• [The problem]: Should the entries contain pictures, leave them out and return exactly the lines from the first through the line holding "doc.units = ezdxf.units.MM".

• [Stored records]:

=====

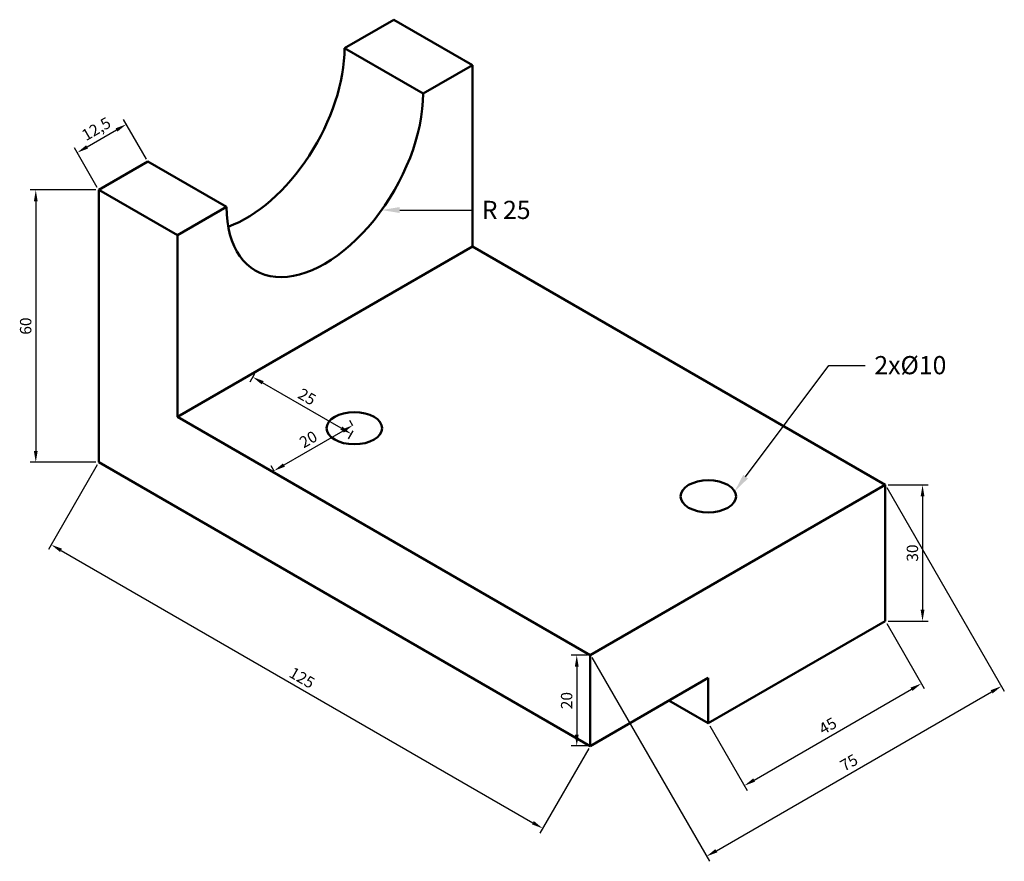
# Model space of a CAD drawing. Units: millimetres. Extents: x 163 to 380, y 64 to 249.
import ezdxf
from ezdxf import colors
from ezdxf.entities.mleader import LeaderData, LeaderLine
from ezdxf.math import Vec2, Vec3

# ---------------------------------------------------------------- set-up
doc = ezdxf.new("R2010")
doc.units = ezdxf.units.MM
for name, color, linetype, lineweight in [('M-DIMS', 2, 'Continuous', 25), ('M-OUTL', 7, 'Continuous', 50), ('M-TEXT', 3, 'Continuous', 25)]:
    doc.layers.add(name, color=color, linetype=linetype, lineweight=lineweight)
doc.styles.get("Standard").update_dxf_attribs({"font": 'arial.ttf'})
doc.dimstyles.new('ISO-25', dxfattribs={"dimtxt": 2.5, "dimasz": 2.5, "dimexe": 1.25, "dimexo": 0.625, "dimtad": 1, "dimtxsty": 'Standard', "dimcen": 2.5, "dimadec": 0, "dimazin": 0, "dimtfac": 1, "dimtmove": 0, "dimatfit": 3, "dimfxl": 1, "dimarcsym": 0})

# ---------------------------------------------------------------- blocks, each defined once
blk = doc.blocks.new('*D1')
at = {"layer": 'Defpoints', "color": 0, "transparency": 16777216}
for p in [(180.55, 211.41), (166.68, 151.41), (180.55, 151.41)]:
    blk.add_point(p, dxfattribs=at)
at = {"layer": 'M-DIMS', "color": 0, "lineweight": -2, "transparency": 16777216}
for p, q in [((179.92, 211.41), (165.43, 211.41)), ((166.68, 208.91), (166.68, 153.91)), ((179.92, 151.41), (165.43, 151.41))]:
    blk.add_line(p, q, dxfattribs=at)
at = {"layer": 'M-DIMS', "color": 0, "transparency": 16777216}
for points in [[(166.27, 208.91), (167.1, 208.91), (166.68, 211.41)], [(166.27, 153.91), (167.1, 153.91), (166.68, 151.41)]]:
    blk.add_solid(points, dxfattribs=at)
at = {"layer": 'M-DIMS', "color": 0, "transparency": 16777216, "insert": (164.78, 181.41), "char_height": 2.5, "attachment_point": 5, "rotation": 90}
blk.add_mtext('60', dxfattribs=at)
blk = doc.blocks.new('*D2')
at = {"layer": 'Defpoints', "color": 0, "transparency": 16777216}
for p in [(180.55, 151.41), (288.8, 88.91), (278.32, 70.76)]:
    blk.add_point(p, dxfattribs=at)
at = {"layer": 'M-DIMS', "color": 0, "lineweight": -2, "transparency": 16777216}
for p, q in [((180.23, 150.87), (169.45, 132.18)), ((172.24, 132.01), (276.16, 72.01)), ((288.49, 88.37), (277.7, 69.68))]:
    blk.add_line(p, q, dxfattribs=at)
at = {"layer": 'M-DIMS', "color": 0, "transparency": 16777216}
for points in [[(172.45, 132.37), (172.03, 131.65), (170.07, 133.26)], [(276.37, 72.37), (275.95, 71.65), (278.32, 70.76)]]:
    blk.add_solid(points, dxfattribs=at)
at = {"layer": 'M-DIMS', "color": 0, "transparency": 16777216, "insert": (225.15, 103.66), "char_height": 2.5, "attachment_point": 5, "rotation": 330}
blk.add_mtext('125', dxfattribs=at)
blk = doc.blocks.new('*D3')
at = {"layer": 'Defpoints', "color": 0, "transparency": 16777216}
for p in [(353.75, 116.41), (361.69, 102.66), (314.78, 93.91)]:
    blk.add_point(p, dxfattribs=at)
at = {"layer": 'M-DIMS', "color": 0, "lineweight": -2, "transparency": 16777216}
for p, q in [((354.06, 115.87), (362.31, 101.58)), ((324.88, 81.41), (359.52, 101.41)), ((315.09, 93.37), (323.34, 79.08))]:
    blk.add_line(p, q, dxfattribs=at)
at = {"layer": 'M-DIMS', "color": 0, "transparency": 16777216}
for points in [[(359.31, 101.78), (359.73, 101.05), (361.69, 102.66)], [(324.67, 81.78), (325.09, 81.05), (322.72, 80.16)]]:
    blk.add_solid(points, dxfattribs=at)
at = {"layer": 'M-DIMS', "color": 0, "transparency": 16777216, "insert": (341.25, 93.06), "char_height": 2.5, "attachment_point": 5, "rotation": 30}
blk.add_mtext('45', dxfattribs=at)
blk = doc.blocks.new('*D4')
at = {"layer": 'Defpoints', "color": 0, "transparency": 16777216}
for p in [(288.8, 108.91), (285.81, 88.91), (288.8, 88.91)]:
    blk.add_point(p, dxfattribs=at)
at = {"layer": 'M-DIMS', "color": 0, "lineweight": -2, "transparency": 16777216}
for p, q in [((288.18, 108.91), (284.56, 108.91)), ((285.81, 106.41), (285.81, 91.41)), ((288.18, 88.91), (284.56, 88.91))]:
    blk.add_line(p, q, dxfattribs=at)
at = {"layer": 'M-DIMS', "color": 0, "transparency": 16777216}
for points in [[(285.4, 106.41), (286.23, 106.41), (285.81, 108.91)], [(285.4, 91.41), (286.23, 91.41), (285.81, 88.91)]]:
    blk.add_solid(points, dxfattribs=at)
at = {"layer": 'M-DIMS', "color": 0, "transparency": 16777216, "insert": (283.91, 98.91), "char_height": 2.5, "attachment_point": 5, "rotation": 90}
blk.add_mtext('20', dxfattribs=at)
blk = doc.blocks.new('*D5')
at = {"layer": 'Defpoints', "color": 0, "transparency": 16777216}
for p in [(236.84, 158.91), (219.15, 149.54), (219.52, 148.91)]:
    blk.add_point(p, dxfattribs=at)
at = {"layer": 'M-DIMS', "color": 0, "lineweight": -2, "transparency": 16777216}
for p, q in [((236.53, 159.45), (235.85, 160.62)), ((234.31, 158.29), (221.32, 150.79)), ((219.21, 149.45), (218.53, 150.62))]:
    blk.add_line(p, q, dxfattribs=at)
at = {"layer": 'M-DIMS', "color": 0, "transparency": 16777216}
for points in [[(234.1, 158.65), (234.52, 157.93), (236.47, 159.54)], [(221.11, 151.15), (221.53, 150.43), (219.15, 149.54)]]:
    blk.add_solid(points, dxfattribs=at)
at = {"layer": 'M-DIMS', "color": 0, "transparency": 16777216, "insert": (226.86, 156.19), "char_height": 2.5, "attachment_point": 5, "rotation": 30}
blk.add_mtext('20', dxfattribs=at)
blk = doc.blocks.new('*D6')
at = {"layer": 'Defpoints', "color": 0, "transparency": 16777216}
for p in [(215.19, 171.41), (214.48, 170.18), (236.84, 158.91)]:
    blk.add_point(p, dxfattribs=at)
at = {"layer": 'M-DIMS', "color": 0, "lineweight": -2, "transparency": 16777216}
for p, q in [((214.88, 170.87), (213.85, 169.09)), ((233.96, 158.93), (216.64, 168.93)), ((236.53, 158.37), (235.5, 156.59))]:
    blk.add_line(p, q, dxfattribs=at)
at = {"layer": 'M-DIMS', "color": 0, "transparency": 16777216}
for points in [[(216.85, 169.29), (216.43, 168.56), (214.48, 170.18)], [(234.17, 159.29), (233.75, 158.56), (236.13, 157.68)]]:
    blk.add_solid(points, dxfattribs=at)
at = {"layer": 'M-DIMS', "color": 0, "transparency": 16777216, "insert": (226.25, 165.57), "char_height": 2.5, "attachment_point": 5, "rotation": 330}
blk.add_mtext('25', dxfattribs=at)
blk = doc.blocks.new('*D7')
at = {"layer": 'Defpoints', "color": 0, "transparency": 16777216}
for p in [(353.75, 146.41), (288.8, 108.91), (379.34, 102.09)]:
    blk.add_point(p, dxfattribs=at)
at = {"layer": 'M-DIMS', "color": 0, "lineweight": -2, "transparency": 16777216}
for p, q in [((354.06, 145.87), (379.96, 101.01)), ((289.11, 108.37), (315.01, 63.51)), ((316.55, 65.84), (377.17, 100.84))]:
    blk.add_line(p, q, dxfattribs=at)
at = {"layer": 'M-DIMS', "color": 0, "transparency": 16777216}
for points in [[(376.97, 101.2), (377.38, 100.48), (379.34, 102.09)], [(316.34, 66.2), (316.76, 65.48), (314.39, 64.59)]]:
    blk.add_solid(points, dxfattribs=at)
at = {"layer": 'M-DIMS', "color": 0, "transparency": 16777216, "insert": (345.91, 84.98), "char_height": 2.5, "attachment_point": 5, "rotation": 30}
blk.add_mtext('75', dxfattribs=at)
blk = doc.blocks.new('*D8')
at = {"layer": 'Defpoints', "color": 0, "transparency": 16777216}
for p in [(353.75, 146.41), (353.75, 116.41), (361.96, 116.41)]:
    blk.add_point(p, dxfattribs=at)
at = {"layer": 'M-DIMS', "color": 0, "lineweight": -2, "transparency": 16777216}
for p, q in [((354.38, 146.41), (363.21, 146.41)), ((361.96, 143.91), (361.96, 118.91)), ((354.38, 116.41), (363.21, 116.41))]:
    blk.add_line(p, q, dxfattribs=at)
at = {"layer": 'M-DIMS', "color": 0, "transparency": 16777216}
for points in [[(361.54, 143.91), (362.37, 143.91), (361.96, 146.41)], [(361.54, 118.91), (362.37, 118.91), (361.96, 116.41)]]:
    blk.add_solid(points, dxfattribs=at)
at = {"layer": 'M-DIMS', "color": 0, "transparency": 16777216, "insert": (360.05, 131.41), "char_height": 2.5, "attachment_point": 5, "rotation": 90}
blk.add_mtext('30', dxfattribs=at)
blk = doc.blocks.new('*D9')
at = {"layer": 'Defpoints', "color": 0, "transparency": 16777216}
for p in [(186.63, 225.87), (191.37, 217.66), (180.55, 211.41)]:
    blk.add_point(p, dxfattribs=at)
at = {"layer": 'M-DIMS', "color": 0, "lineweight": -2, "transparency": 16777216}
for p, q in [((191.06, 218.2), (186.01, 226.95)), ((177.97, 220.87), (184.47, 224.62)), ((180.23, 211.95), (175.18, 220.7))]:
    blk.add_line(p, q, dxfattribs=at)
at = {"layer": 'M-DIMS', "color": 0, "transparency": 16777216}
for points in [[(184.26, 224.98), (184.68, 224.26), (186.63, 225.87)], [(177.76, 221.23), (178.18, 220.51), (175.81, 219.62)]]:
    blk.add_solid(points, dxfattribs=at)
at = {"layer": 'M-DIMS', "color": 0, "transparency": 16777216, "insert": (180.16, 224.58), "char_height": 2.5, "attachment_point": 5, "rotation": 30}
blk.add_mtext('12,5', dxfattribs=at)

msp = doc.modelspace()

# ---------------------------------------------------------------- linework, layer by layer
at = {"layer": 'M-OUTL'}
for p, q in [((245.499, 248.907), (234.674, 242.657)), ((262.819, 238.907), (245.499, 248.907)), ((234.674, 242.657), (251.994, 232.657)), ((251.994, 232.657), (262.819, 238.907)), ((262.819, 198.907), (262.819, 238.907)), ((191.372, 217.657), (180.547, 211.407)), ((191.372, 217.657), (208.693, 207.657)), ((180.547, 151.407), (180.547, 211.407)), ((180.547, 211.407), (197.867, 201.407)), ((197.867, 201.407), (208.693, 207.657)), ((197.867, 201.407), (197.867, 161.407)), ((197.867, 161.407), (262.819, 198.907)), ((353.752, 146.407), (262.819, 198.907)), ((197.867, 161.407), (288.8, 108.907)), ((180.547, 151.407), (288.8, 88.907)), ((288.8, 108.907), (353.752, 146.407)), ((353.752, 116.407), (353.752, 146.407)), ((314.781, 93.907), (353.752, 116.407)), ((288.8, 108.907), (288.8, 88.907)), ((288.8, 88.907), (314.781, 103.907)), ((314.781, 103.907), (314.781, 93.907)), ((314.781, 93.907), (306.121, 98.907))]:
    msp.add_line(p, q, dxfattribs=at)
for centre, start_param in [((213.023, 230.157), 6.8844495), ((230.343, 220.157), 5.4977871)]:
    msp.add_ellipse(centre, major_axis=(-15.309, -26.517), ratio=0.5773503, start_param=start_param, end_param=8.6393798, dxfattribs=at)
for centre in [(236.839, 158.907), (314.781, 143.907)]:
    msp.add_ellipse(centre, major_axis=(-6.124, 0), ratio=0.5773503, dxfattribs=at)

# ---------------------------------------------------------------- dimensions: what is measured, and where the dimension line sits
at = {"layer": 'M-DIMS'}
for p1, p2, distance, picture, middle in [((180.547, 211.407), (191.372, 217.657), 9.479, '*D9', (180.156, 224.584)), ((236.839, 158.907), (215.188, 171.407), 1.423, '*D6', (226.253, 165.572)), ((236.839, 158.907), (219.518, 148.907), -0.729, '*D5', (226.863, 156.185)), ((180.547, 151.407), (288.8, 88.907), -20.951, '*D2', (225.149, 103.66)), ((288.8, 108.907), (353.752, 146.407), -51.174, '*D7', (345.915, 84.982)), ((314.781, 93.907), (353.752, 116.407), -15.869, '*D3', (341.253, 93.057))]:
    dim = msp.add_aligned_dim(p1=p1, p2=p2, distance=distance, dimstyle='ISO-25', override={"dimclrd": 0, "dimclre": 0, "dimclrt": 0}, dxfattribs=at)
    dim.commit()
    dim.dimension.update_dxf_attribs({"geometry": picture, "text_midpoint": middle})
for base, p1, p2, picture, middle in [((166.683, 151.407), (180.547, 211.407), (180.547, 151.407), '*D1', (164.782, 181.407)), ((361.956, 116.407), (353.752, 146.407), (353.752, 116.407), '*D8', (360.054, 131.407)), ((285.814, 88.907), (288.8, 108.907), (288.8, 88.907), '*D4', (283.912, 98.907))]:
    dim = msp.add_linear_dim(base=base, p1=p1, p2=p2, angle=90, dimstyle='ISO-25', override={"dimclrd": 0, "dimclre": 0, "dimclrt": 0}, dxfattribs=at)
    dim.commit()
    dim.dimension.update_dxf_attribs({"geometry": picture, "text_midpoint": middle})

# ---------------------------------------------------------------- leaders
at = {"layer": 'M-TEXT'}
ml = msp.add_multileader_mtext('Standard', dxfattribs=at)
ml.set_content('R 25', color=256)
ml.set_leader_properties()
ml.build(insert=Vec2(0, 0))
ctx = ml.context
ctx.base_point, ctx.plane_origin = Vec3(262.892, 206.973), Vec3(242.852, 206.973)
notes = []
notes.append((ctx, [(0, (1, 1, 0), (254.892, 206.973), (1, 0), 8, [(0, [(242.852, 206.973)], 0, [])])]))
ctx.mtext.insert, ctx.mtext.flow_direction = Vec3(264.892, 209.007), 5
ml = msp.add_multileader_mtext('Standard', dxfattribs=at)
ml.set_content('2x%%C10', color=256)
ml.set_leader_properties()
ml.build(insert=Vec2(0, 0))
ctx = ml.context
ctx.base_point, ctx.plane_origin = Vec3(349.353, 172.726), Vec3(320.589, 145.028)
notes.append((ctx, [(0, (1, 1, 0), (341.353, 172.726), (1, 0), 8, [(0, [(320.589, 145.028)], 0, [])])]))
ctx.mtext.insert, ctx.mtext.flow_direction = Vec3(351.353, 174.806), 5
for ctx, leaders in notes:
    for number, flags, end, landing, length, lines in leaders:
        leader = LeaderData()
        leader.index, (leader.has_last_leader_line, leader.has_dogleg_vector, leader.attachment_direction) = number, flags
        leader.last_leader_point, leader.dogleg_vector, leader.dogleg_length = Vec3(end), Vec3(landing), length
        for number, points, colour, breaks in lines:
            line = LeaderLine()
            line.index, line.vertices, line.color, line.breaks = number, Vec3.list(points), colors.encode_raw_color(colour), breaks
            leader.lines.append(line)
        ctx.leaders.append(leader)

doc.saveas('drawing.dxf')

=====

• [Reply]:
# Model space of a CAD drawing. Units: millimetres. Extents: x 163 to 380, y 64 to 249.
import ezdxf
from ezdxf import colors
from ezdxf.entities.mleader import LeaderData, LeaderLine
from ezdxf.math import Vec2, Vec3

# ---------------------------------------------------------------- set-up
doc = ezdxf.new("R2010")
doc.units = ezdxf.units.MM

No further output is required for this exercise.